EXERCISE INPUT »
_ _ _

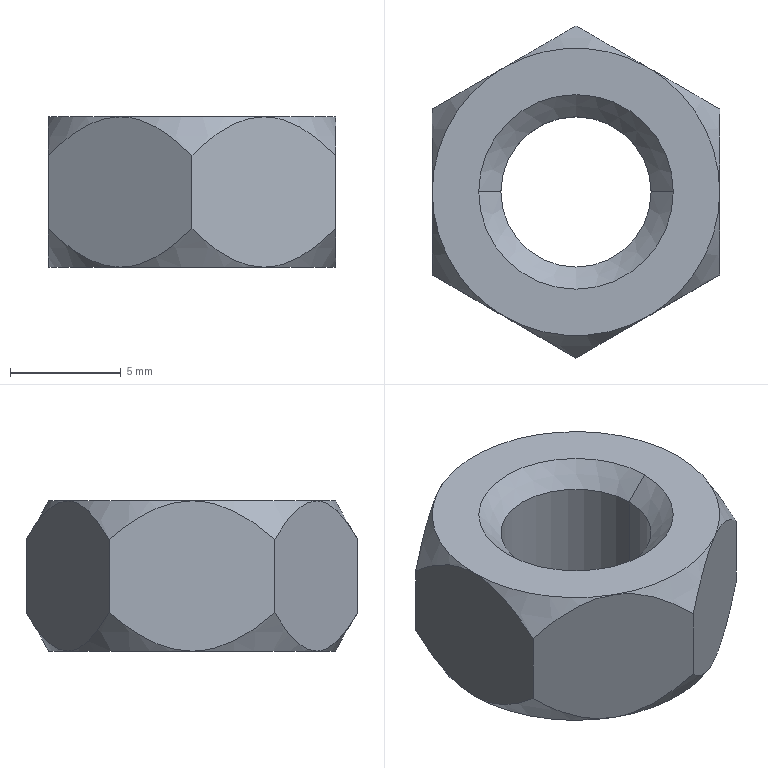Component | SolidWorks | Nut-3 | 1 solid | 26 faces | box 13 x 15.01 x 6.8 mm | volume 711 mm3 | cone 16 | plane 8 | cylinder 2 | commonest cylinder face diameters 6.8 x2
build123d program:
from build123d import *

# Parameters (mm, degrees)
BOSS_EXTRUDE1_DEPTH     = 3.4
SKETCH2_OUTSIDE_W       = 27.05
SKETCH2_OUTSIDE_H       = 29.062
SKETCH2_OUTSIDE_R       = 6.5
CUT_EXTRUDE1_DEPTH      = 6.8
CUT_EXTRUDE1_DRAFT      = -30
MIRROR1_COPY_1_SKETCH_W = 27.05
MIRROR1_COPY_1_SKETCH_H = 29.062
MIRROR1_COPY_1_SKETCH_R = 6.5
MIRROR1_COPY_1_DEPTH    = 6.8
MIRROR1_COPY_1_DRAFT    = -30
SKETCH5_W               = 3.4
SKETCH5_H               = 6.8
CHAMFER1_SIZE           = 1


with BuildPart() as part:
    # Sketch1 → Boss-Extrude1 (new, symmetric)
    with BuildSketch(Plane.XY):
        Polygon((0, 7.506), (-6.5, 3.753), (-6.5, -3.753), (0, -7.506), (6.5, -3.753), (6.5, 3.753), align=None)
    extrude(amount=BOSS_EXTRUDE1_DEPTH, both=True)


with BuildPart() as cut_extrude1_tool:
    # Sketch2 outside → Cut-Extrude1 (with draft: the straight prism first)
    with BuildSketch(Plane.XY.offset(3.4)):
        Rectangle(SKETCH2_OUTSIDE_W, SKETCH2_OUTSIDE_H)
        Circle(SKETCH2_OUTSIDE_R, mode=Mode.SUBTRACT)
    extrude(amount=-CUT_EXTRUDE1_DEPTH)
    # Cut-Extrude1: the draft: its side faces are tilted about the plane it starts from
    cut_extrude1_sides = [cut_extrude1_tool.faces().sort_by_distance(p)[0] for p in [
        (0, -14.531, 0),
        (13.525, 0, 0),
        (0, 14.531, 0),
        (-13.525, 0, 0),
        (-6.5, 0, 0),
    ]]
    draft(cut_extrude1_sides, Plane.XY.offset(3.4), CUT_EXTRUDE1_DRAFT)


with BuildPart() as part_1:
    add(part.part)

    # Cut-Extrude1: cut by cut_extrude1_tool
    add(cut_extrude1_tool.part, mode=Mode.SUBTRACT)


with BuildPart() as mirror1_copy_1_tool:
    # Mirror1 copy 1 sketch → Mirror1 copy 1 (with draft: the straight prism first)
    with BuildSketch(Plane(origin=(0, 0, -3.4), x_dir=(1, 0, 0), z_dir=(0, 0, -1))):
        Rectangle(MIRROR1_COPY_1_SKETCH_W, MIRROR1_COPY_1_SKETCH_H)
        Circle(MIRROR1_COPY_1_SKETCH_R, mode=Mode.SUBTRACT)
    extrude(amount=-MIRROR1_COPY_1_DEPTH)
    # Mirror1 copy 1: the draft: its side faces are tilted about the plane it starts from
    mirror1_copy_1_sides = [mirror1_copy_1_tool.faces().sort_by_distance(p)[0] for p in [
        (0, -14.531, 0),
        (13.525, 0, 0),
        (0, 14.531, 0),
        (-13.525, 0, 0),
        (-6.5, 0, 0),
    ]]
    draft(mirror1_copy_1_sides, Plane(origin=(0, 0, -3.4), x_dir=(1, 0, 0), z_dir=(0, 0, -1)), MIRROR1_COPY_1_DRAFT)


with BuildPart() as part_2:
    add(part_1.part)

    # Mirror1 copy 1: cut by mirror1_copy_1_tool
    add(mirror1_copy_1_tool.part, mode=Mode.SUBTRACT)

    # Sketch5 → M8 Tapped Hole1 (revolve, cut)
    with BuildSketch(Plane(origin=(0, 0, -3.4), x_dir=(0, 1, 0), z_dir=(1, 0, 0))):
        with Locations((1.7, 3.4)):
            Rectangle(SKETCH5_W, SKETCH5_H)
    revolve(axis=Axis((0, 0, -9.75), (0, 0, 1)), mode=Mode.SUBTRACT)

    # Chamfer1
    chamfer1_edges = [part_2.edges().sort_by_distance(p)[0] for p in [
        (0, -3.4, -3.4),
        (0, -3.4, 3.4),
    ]]
    chamfer(chamfer1_edges, length=CHAMFER1_SIZE)


solid = part_2.part

# Placed as in the assembly
solid = solid.moved(Location((-55.719, -28.485, 220.4), (0, 0, 0)))
STEP:
#1=CARTESIAN_POINT('',(-2.06,-1.121,8.583));
#2=VERTEX_POINT('',#1);
#3=CARTESIAN_POINT('',(-2.328,-1.121,8.583));
#4=VERTEX_POINT('',#3);
#5=CARTESIAN_POINT('',(-2.194,-1.121,8.583));
#6=DIRECTION('',(0.,0.,-1.));
#7=DIRECTION('',(-1.,0.,0.));
#8=AXIS2_PLACEMENT_3D('',#5,#6,#7);
#9=CIRCLE('',#8,0.1339);
#10=EDGE_CURVE('',#2,#4,#9,.T.);
#11=ORIENTED_EDGE('',*,*,#10,.F.);
#12=CARTESIAN_POINT('',(-2.02,-1.121,8.543));
#13=VERTEX_POINT('',#12);
#14=CARTESIAN_POINT('',(-2.02,-1.121,8.543));
#15=DIRECTION('',(0.7071,0.,-0.7071));
#16=VECTOR('',#15,39.37);
#17=LINE('',#14,#16);
#18=EDGE_CURVE('',#2,#13,#17,.T.);
#19=ORIENTED_EDGE('',*,*,#18,.T.);
#20=CARTESIAN_POINT('',(-2.367,-1.121,8.543));
#21=VERTEX_POINT('',#20);
#22=CARTESIAN_POINT('',(-2.194,-1.121,8.543));
#23=DIRECTION('',(0.,0.,1.));
#24=DIRECTION('',(-1.,0.,0.));
#25=AXIS2_PLACEMENT_3D('',#22,#23,#24);
#26=CIRCLE('',#25,0.1732);
#27=EDGE_CURVE('',#21,#13,#26,.T.);
#28=ORIENTED_EDGE('',*,*,#27,.F.);
#29=CARTESIAN_POINT('',(-2.367,-1.121,8.543));
#30=DIRECTION('',(-0.7071,0.,-0.7071));
#31=VECTOR('',#30,39.37);
#32=LINE('',#29,#31);
#33=EDGE_CURVE('',#4,#21,#32,.T.);
#34=ORIENTED_EDGE('',*,*,#33,.F.);
#35=EDGE_LOOP('',(#11,#19,#28,#34));
#36=FACE_OUTER_BOUND('',#35,.T.);
#37=CARTESIAN_POINT('',(-2.194,-1.121,8.543));
#38=DIRECTION('',(0.,0.,-1.));
#39=DIRECTION('',(-1.,0.,0.));
#40=AXIS2_PLACEMENT_3D('',#37,#38,#39);
#41=CONICAL_SURFACE('',#40,0.1732,0.7854);
#42=ADVANCED_FACE('',(#36),#41,.F.);
#43=CARTESIAN_POINT('',(-2.328,-1.121,8.772));
#44=VERTEX_POINT('',#43);
#45=CARTESIAN_POINT('',(-2.06,-1.121,8.772));
#46=VERTEX_POINT('',#45);
#47=CARTESIAN_POINT('',(-2.194,-1.121,8.772));
#48=DIRECTION('',(0.,0.,1.));
#49=DIRECTION('',(-1.,0.,0.));
#50=AXIS2_PLACEMENT_3D('',#47,#48,#49);
#51=CIRCLE('',#50,0.1339);
#52=EDGE_CURVE('',#44,#46,#51,.T.);
#53=ORIENTED_EDGE('',*,*,#52,.F.);
#54=CARTESIAN_POINT('',(-2.367,-1.121,8.811));
#55=VERTEX_POINT('',#54);
#56=CARTESIAN_POINT('',(-2.328,-1.121,8.772));
#57=DIRECTION('',(-0.7071,0.,0.7071));
#58=VECTOR('',#57,39.37);
#59=LINE('',#56,#58);
#60=EDGE_CURVE('',#44,#55,#59,.T.);
#61=ORIENTED_EDGE('',*,*,#60,.T.);
#62=CARTESIAN_POINT('',(-2.02,-1.121,8.811));
#63=VERTEX_POINT('',#62);
#64=CARTESIAN_POINT('',(-2.194,-1.121,8.811));
#65=DIRECTION('',(0.,0.,-1.));
#66=DIRECTION('',(-1.,0.,0.));
#67=AXIS2_PLACEMENT_3D('',#64,#65,#66);
#68=CIRCLE('',#67,0.1732);
#69=EDGE_CURVE('',#63,#55,#68,.T.);
#70=ORIENTED_EDGE('',*,*,#69,.F.);
#71=CARTESIAN_POINT('',(-2.06,-1.121,8.772));
#72=DIRECTION('',(0.7071,0.,0.7071));
#73=VECTOR('',#72,39.37);
#74=LINE('',#71,#73);
#75=EDGE_CURVE('',#46,#63,#74,.T.);
#76=ORIENTED_EDGE('',*,*,#75,.F.);
#77=EDGE_LOOP('',(#53,#61,#70,#76));
#78=FACE_OUTER_BOUND('',#77,.T.);
#79=CARTESIAN_POINT('',(-2.194,-1.121,8.772));
#80=DIRECTION('',(0.,0.,1.));
#81=DIRECTION('',(1.,0.,0.));
#82=AXIS2_PLACEMENT_3D('',#79,#80,#81);
#83=CONICAL_SURFACE('',#82,0.1339,0.7854);
#84=ADVANCED_FACE('',(#78),#83,.F.);
#85=ORIENTED_EDGE('',*,*,#10,.T.);
#86=CARTESIAN_POINT('',(-2.328,-1.121,8.811));
#87=DIRECTION('',(0.,0.,1.));
#88=VECTOR('',#87,39.37);
#89=LINE('',#86,#88);
#90=EDGE_CURVE('',#4,#44,#89,.T.);
#91=ORIENTED_EDGE('',*,*,#90,.T.);
#92=ORIENTED_EDGE('',*,*,#52,.T.);
#93=CARTESIAN_POINT('',(-2.06,-1.121,8.811));
#94=DIRECTION('',(0.,0.,1.));
#95=VECTOR('',#94,39.37);
#96=LINE('',#93,#95);
#97=EDGE_CURVE('',#2,#46,#96,.T.);
#98=ORIENTED_EDGE('',*,*,#97,.F.);
#99=EDGE_LOOP('',(#85,#91,#92,#98));
#100=FACE_OUTER_BOUND('',#99,.T.);
#101=CARTESIAN_POINT('',(-2.194,-1.121,8.811));
#102=DIRECTION('',(0.,0.,1.));
#103=DIRECTION('',(1.,0.,0.));
#104=AXIS2_PLACEMENT_3D('',#101,#102,#103);
#105=CYLINDRICAL_SURFACE('',#104,0.1339);
#106=ADVANCED_FACE('',(#100),#105,.F.);
#107=CARTESIAN_POINT('',(-2.45,-0.9737,8.612));
#108=VERTEX_POINT('',#107);
#109=CARTESIAN_POINT('',(-2.45,-0.9737,8.742));
#110=VERTEX_POINT('',#109);
#111=CARTESIAN_POINT('',(-2.45,-0.9737,8.543));
#112=DIRECTION('',(0.,0.,1.));
#113=VECTOR('',#112,39.37);
#114=LINE('',#111,#113);
#115=EDGE_CURVE('',#108,#110,#114,.T.);
#116=ORIENTED_EDGE('',*,*,#115,.T.);
#117=CARTESIAN_POINT('',(-2.322,-0.8998,8.811));
#118=VERTEX_POINT('',#117);
#119=CARTESIAN_POINT('',(-2.45,-0.9737,8.742));
#120=CARTESIAN_POINT('',(-2.44,-0.9685,8.752));
#121=CARTESIAN_POINT('',(-2.431,-0.9631,8.76));
#122=CARTESIAN_POINT('',(-2.412,-0.9518,8.776));
#123=CARTESIAN_POINT('',(-2.402,-0.946,8.784));
#124=CARTESIAN_POINT('',(-2.38,-0.9337,8.796));
#125=CARTESIAN_POINT('',(-2.369,-0.9271,8.802));
#126=CARTESIAN_POINT('',(-2.352,-0.9171,8.807));
#127=CARTESIAN_POINT('',(-2.346,-0.9137,8.809));
#128=CARTESIAN_POINT('',(-2.334,-0.9068,8.811));
#129=CARTESIAN_POINT('',(-2.328,-0.9033,8.811));
#130=CARTESIAN_POINT('',(-2.322,-0.8998,8.811));
#131=B_SPLINE_CURVE_WITH_KNOTS('',3,(#119,#120,#121,#122,#123,#124,#125,#126,#127,#128,#129,#130),.UNSPECIFIED.,.F.,.F.,(4,2,2,2,2,4),(0.0000003,0.001051,0.002101,0.003151,0.003676,0.004201),.UNSPECIFIED.);
#132=EDGE_CURVE('',#110,#118,#131,.T.);
#133=ORIENTED_EDGE('',*,*,#132,.T.);
#134=CARTESIAN_POINT('',(-2.194,-0.826,8.742));
#135=VERTEX_POINT('',#134);
#136=CARTESIAN_POINT('',(-2.322,-0.8998,8.811));
#137=CARTESIAN_POINT('',(-2.31,-0.8929,8.811));
#138=CARTESIAN_POINT('',(-2.298,-0.8861,8.809));
#139=CARTESIAN_POINT('',(-2.274,-0.8726,8.802));
#140=CARTESIAN_POINT('',(-2.263,-0.8662,8.796));
#141=CARTESIAN_POINT('',(-2.242,-0.8539,8.784));
#142=CARTESIAN_POINT('',(-2.232,-0.848,8.776));
#143=CARTESIAN_POINT('',(-2.212,-0.8367,8.76));
#144=CARTESIAN_POINT('',(-2.203,-0.8312,8.752));
#145=CARTESIAN_POINT('',(-2.194,-0.826,8.742));
#146=B_SPLINE_CURVE_WITH_KNOTS('',3,(#136,#137,#138,#139,#140,#141,#142,#143,#144,#145),.UNSPECIFIED.,.F.,.F.,(4,2,2,2,4),(0.004201,0.00525,0.006298,0.007347,0.008395),.UNSPECIFIED.);
#147=EDGE_CURVE('',#118,#135,#146,.T.);
#148=ORIENTED_EDGE('',*,*,#147,.T.);
#149=CARTESIAN_POINT('',(-2.194,-0.826,8.612));
#150=VERTEX_POINT('',#149);
#151=CARTESIAN_POINT('',(-2.194,-0.826,8.543));
#152=DIRECTION('',(0.,0.,1.));
#153=VECTOR('',#152,39.37);
#154=LINE('',#151,#153);
#155=EDGE_CURVE('',#150,#135,#154,.T.);
#156=ORIENTED_EDGE('',*,*,#155,.F.);
#157=CARTESIAN_POINT('',(-2.322,-0.8998,8.543));
#158=VERTEX_POINT('',#157);
#159=CARTESIAN_POINT('',(-2.322,-0.8998,8.543));
#160=CARTESIAN_POINT('',(-2.31,-0.8929,8.543));
#161=CARTESIAN_POINT('',(-2.298,-0.8861,8.545));
#162=CARTESIAN_POINT('',(-2.274,-0.8726,8.553));
#163=CARTESIAN_POINT('',(-2.263,-0.8662,8.558));
#164=CARTESIAN_POINT('',(-2.242,-0.8539,8.571));
#165=CARTESIAN_POINT('',(-2.232,-0.848,8.578));
#166=CARTESIAN_POINT('',(-2.212,-0.8367,8.594));
#167=CARTESIAN_POINT('',(-2.203,-0.8312,8.603));
#168=CARTESIAN_POINT('',(-2.194,-0.826,8.612));
#169=B_SPLINE_CURVE_WITH_KNOTS('',3,(#159,#160,#161,#162,#163,#164,#165,#166,#167,#168),.UNSPECIFIED.,.F.,.F.,(4,2,2,2,4),(0.004201,0.00525,0.006298,0.007347,0.008395),.UNSPECIFIED.);
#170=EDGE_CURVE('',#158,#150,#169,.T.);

_ _ _

THE TASK » Everything above from the line containing "#143=CARTESIAN_POINT('',(-2.212,-0.8367,8.76));" through the line containing "#153=VECTOR('',#152,39.37);" must be copied exactly. Nothing outside that range belongs in the answer.

REPLY »
#143=CARTESIAN_POINT('',(-2.212,-0.8367,8.76));
#144=CARTESIAN_POINT('',(-2.203,-0.8312,8.752));
#145=CARTESIAN_POINT('',(-2.194,-0.826,8.742));
#146=B_SPLINE_CURVE_WITH_KNOTS('',3,(#136,#137,#138,#139,#140,#141,#142,#143,#144,#145),.UNSPECIFIED.,.F.,.F.,(4,2,2,2,4),(0.004201,0.00525,0.006298,0.007347,0.008395),.UNSPECIFIED.);
#147=EDGE_CURVE('',#118,#135,#146,.T.);
#148=ORIENTED_EDGE('',*,*,#147,.T.);
#149=CARTESIAN_POINT('',(-2.194,-0.826,8.612));
#150=VERTEX_POINT('',#149);
#151=CARTESIAN_POINT('',(-2.194,-0.826,8.543));
#152=DIRECTION('',(0.,0.,1.));
#153=VECTOR('',#152,39.37);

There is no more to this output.